(WORK TASK): Report how many lines in the data include the string "length", and add nothing else.

(INPUT DATA):
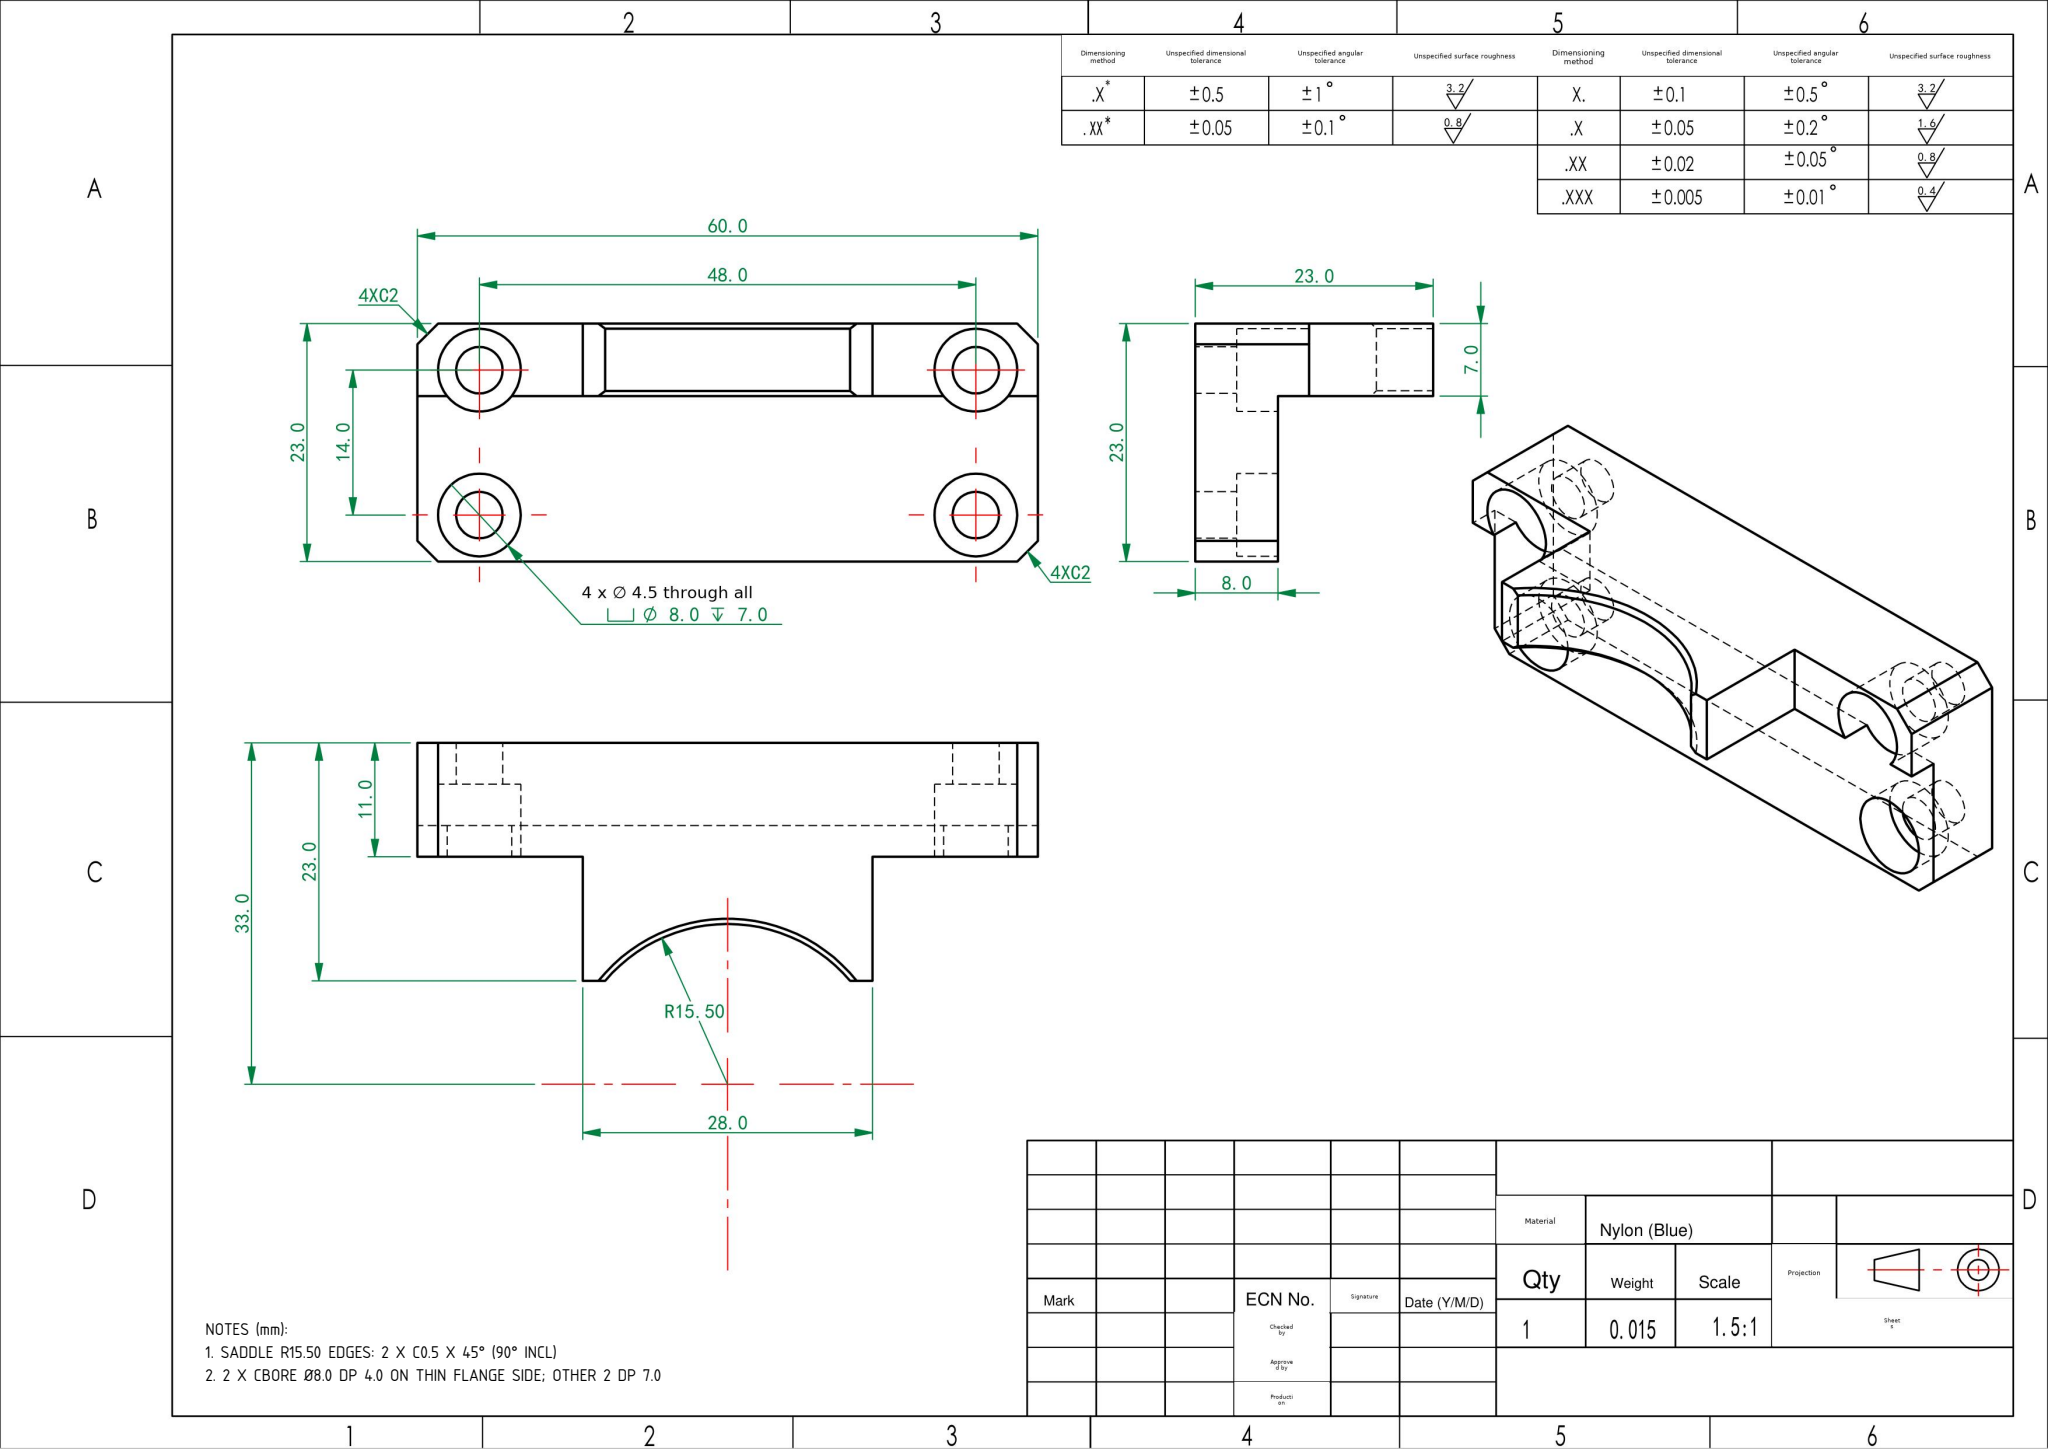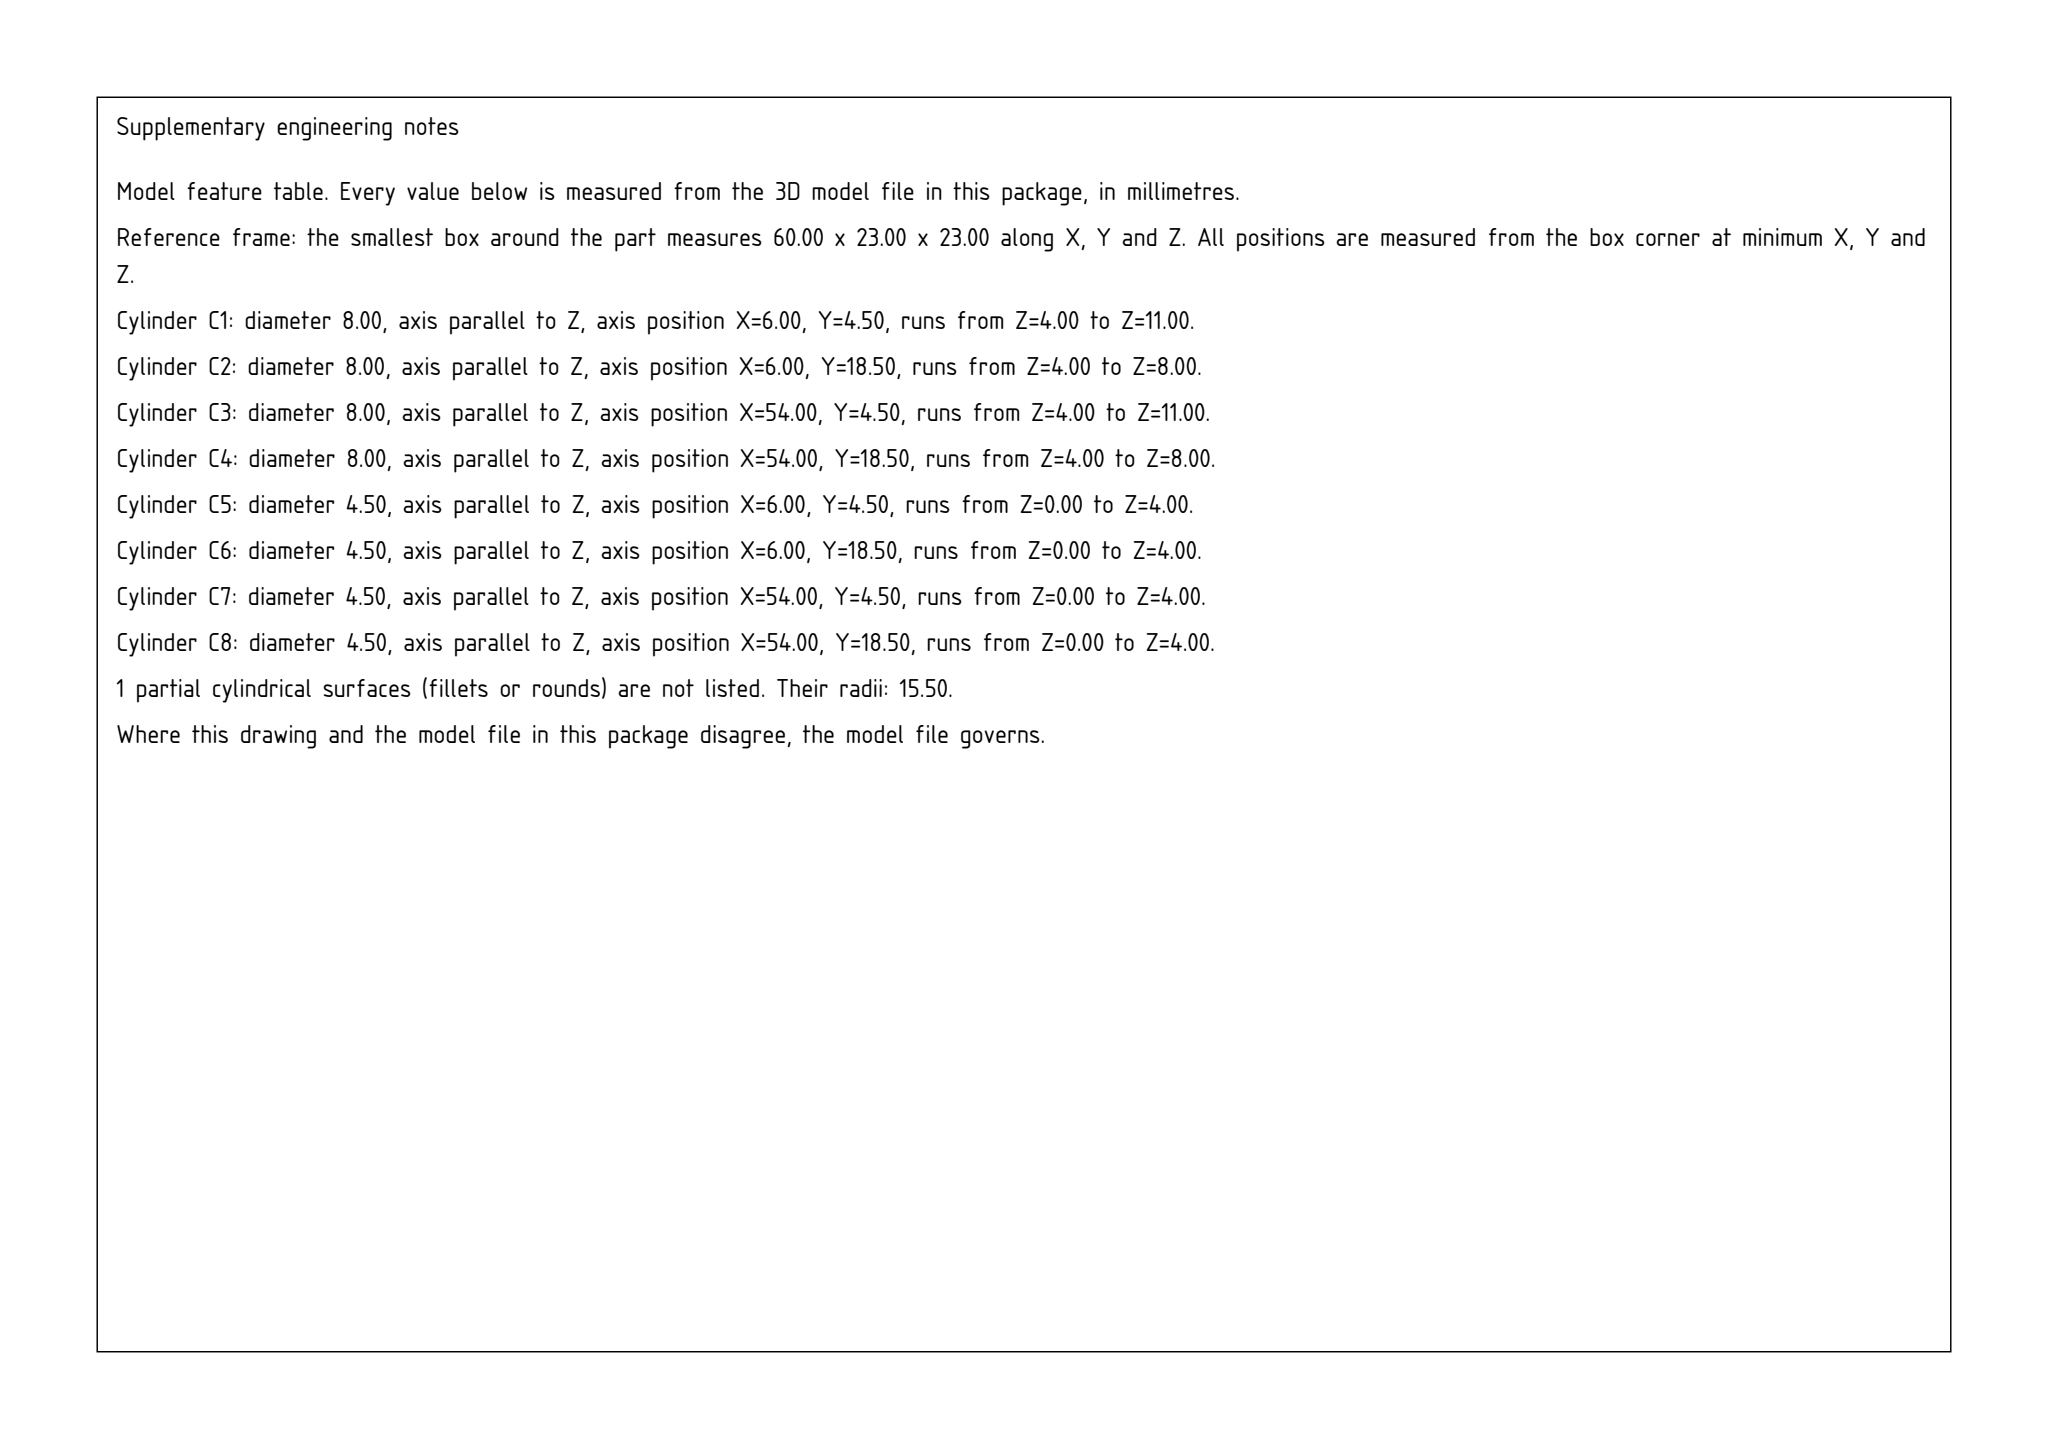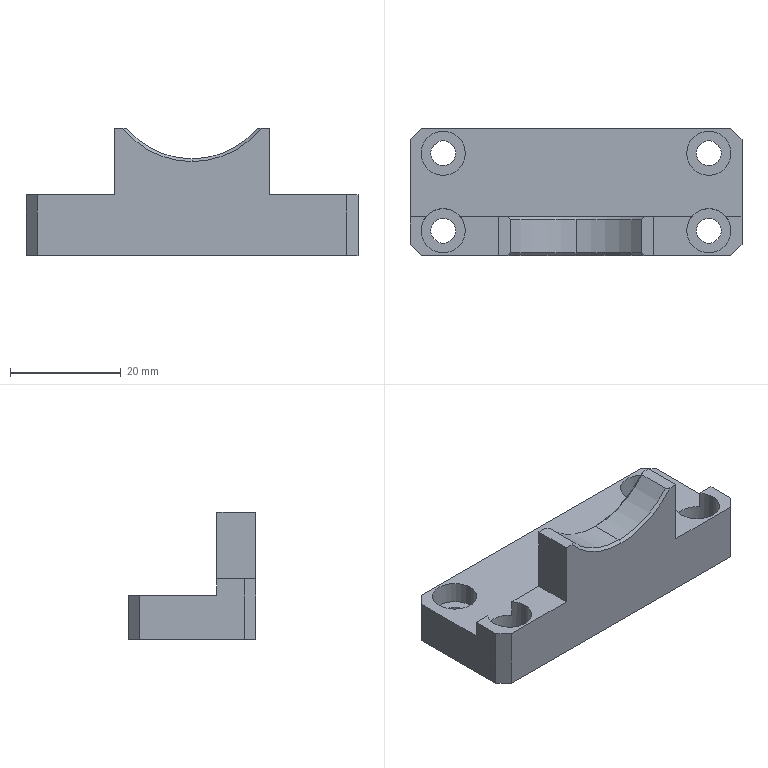Part | SolidWorks | mm | 1 solid | 44 faces | box 60 x 23 x 23 mm | volume 12615 mm3 | plane 23 | cylinder 18 | cone 3 | commonest cylinder face diameters 4.5 x8 8 x8 31 x2
Drawing notes:
SADDLE R15.50 EDGES: 2 X C0.5 X 45° (90° INCL) | from the solid: cones 90° incl, ref dia 31.0 (2 off) vs saddle cyl dia 31.0; outer ref dia 32.0 gives 0.5 radial leg
2 X CBORE Ø8.0 DP 4.0 ON THIN FLANGE SIDE; OTHER 2 DP 7.0 | from the solid: Ø8 z-cyls at y=18.5 length 4.0 (x=6,54); Ø8 z-cyls at y=4.5 length 7.0 (x=6,54)
build123d program:
from build123d import *

# Parameters (mm, degrees)
SKETCH1_W                                          = 60
SKETCH1_H                                          = 23
BOSS_EXTRUDE1_DEPTH                                = 23
SKETCH4_W                                          = 60
SKETCH4_H                                          = 16
CUT_EXTRUDE1_DEPTH                                 = 15
SKETCH7_R                                          = 15.5
CUT_EXTRUDE2_DEPTH                                 = 31
SKETCH8_OUTSIDE_W                                  = 75.65
SKETCH8_OUTSIDE_H                                  = 38.65
SKETCH8_OUTSIDE_W_2                                = 28
SKETCH8_OUTSIDE_H_2                                = 23
CUT_EXTRUDE3_DEPTH                                 = 12
HOLE_SIZE_ACCORDING_TO_HEX_SOCKET_HEAD_D           = 4.5
HOLE_SIZE_ACCORDING_TO_HEX_SOCKET_HEAD_CBORE_D     = 8
HOLE_SIZE_ACCORDING_TO_HEX_SOCKET_HEAD_CBORE_DEPTH = 7
CHAMFER1_SIZE                                      = 2
CHAMFER2_SIZE                                      = 0.5


with BuildPart() as part:
    # Sketch1 → Boss-Extrude1 (new body)
    with BuildSketch(Plane.XY):
        Rectangle(SKETCH1_W, SKETCH1_H)
    extrude(amount=BOSS_EXTRUDE1_DEPTH)

    # Sketch4 → Cut-Extrude1 (cut)
    with BuildSketch(Plane.XY.offset(23)):
        with Locations((0, 3.5)):
            Rectangle(SKETCH4_W, SKETCH4_H)
    extrude(amount=-CUT_EXTRUDE1_DEPTH, mode=Mode.SUBTRACT)

    # Sketch7 → Cut-Extrude2 (cut)
    with BuildSketch(Plane.XZ.offset(11.5)):
        with Locations((0, 33)):
            Circle(SKETCH7_R)
    extrude(amount=-CUT_EXTRUDE2_DEPTH, mode=Mode.SUBTRACT)

    # Sketch8 outside → Cut-Extrude3 (cut)
    with BuildSketch(Plane.XY.offset(23)):
        Rectangle(SKETCH8_OUTSIDE_W, SKETCH8_OUTSIDE_H)
        Rectangle(SKETCH8_OUTSIDE_W_2, SKETCH8_OUTSIDE_H_2, mode=Mode.SUBTRACT)
    extrude(amount=-CUT_EXTRUDE3_DEPTH, mode=Mode.SUBTRACT)

    # Hole Size _According to_ Hex Socket Head (through all)
    with Locations(Plane(origin=(-24, 7, 11), x_dir=(1, 0, 0), z_dir=(0, 0, 1))):
        with Locations((0, 0), (0, -14), (48, -14), (48, 0)):
            CounterBoreHole(HOLE_SIZE_ACCORDING_TO_HEX_SOCKET_HEAD_D / 2, HOLE_SIZE_ACCORDING_TO_HEX_SOCKET_HEAD_CBORE_D / 2, HOLE_SIZE_ACCORDING_TO_HEX_SOCKET_HEAD_CBORE_DEPTH)

    # Chamfer1
    chamfer1_edges = [part.edges().sort_by_distance(p)[0] for p in [
        (-30, 11.5, 4),
        (30, 11.5, 4),
        (-30, -11.5, 5.5),
        (30, -11.5, 5.5),
    ]]
    chamfer(chamfer1_edges, length=CHAMFER1_SIZE)

    # Chamfer2
    chamfer2_edges = [part.edges().sort_by_distance(p)[0] for p in [
        (0, -4.5, 17.5),
        (0, -11.5, 17.5),
    ]]
    chamfer(chamfer2_edges, length=CHAMFER2_SIZE)


solid = part.part

(RESULT BELOW): 3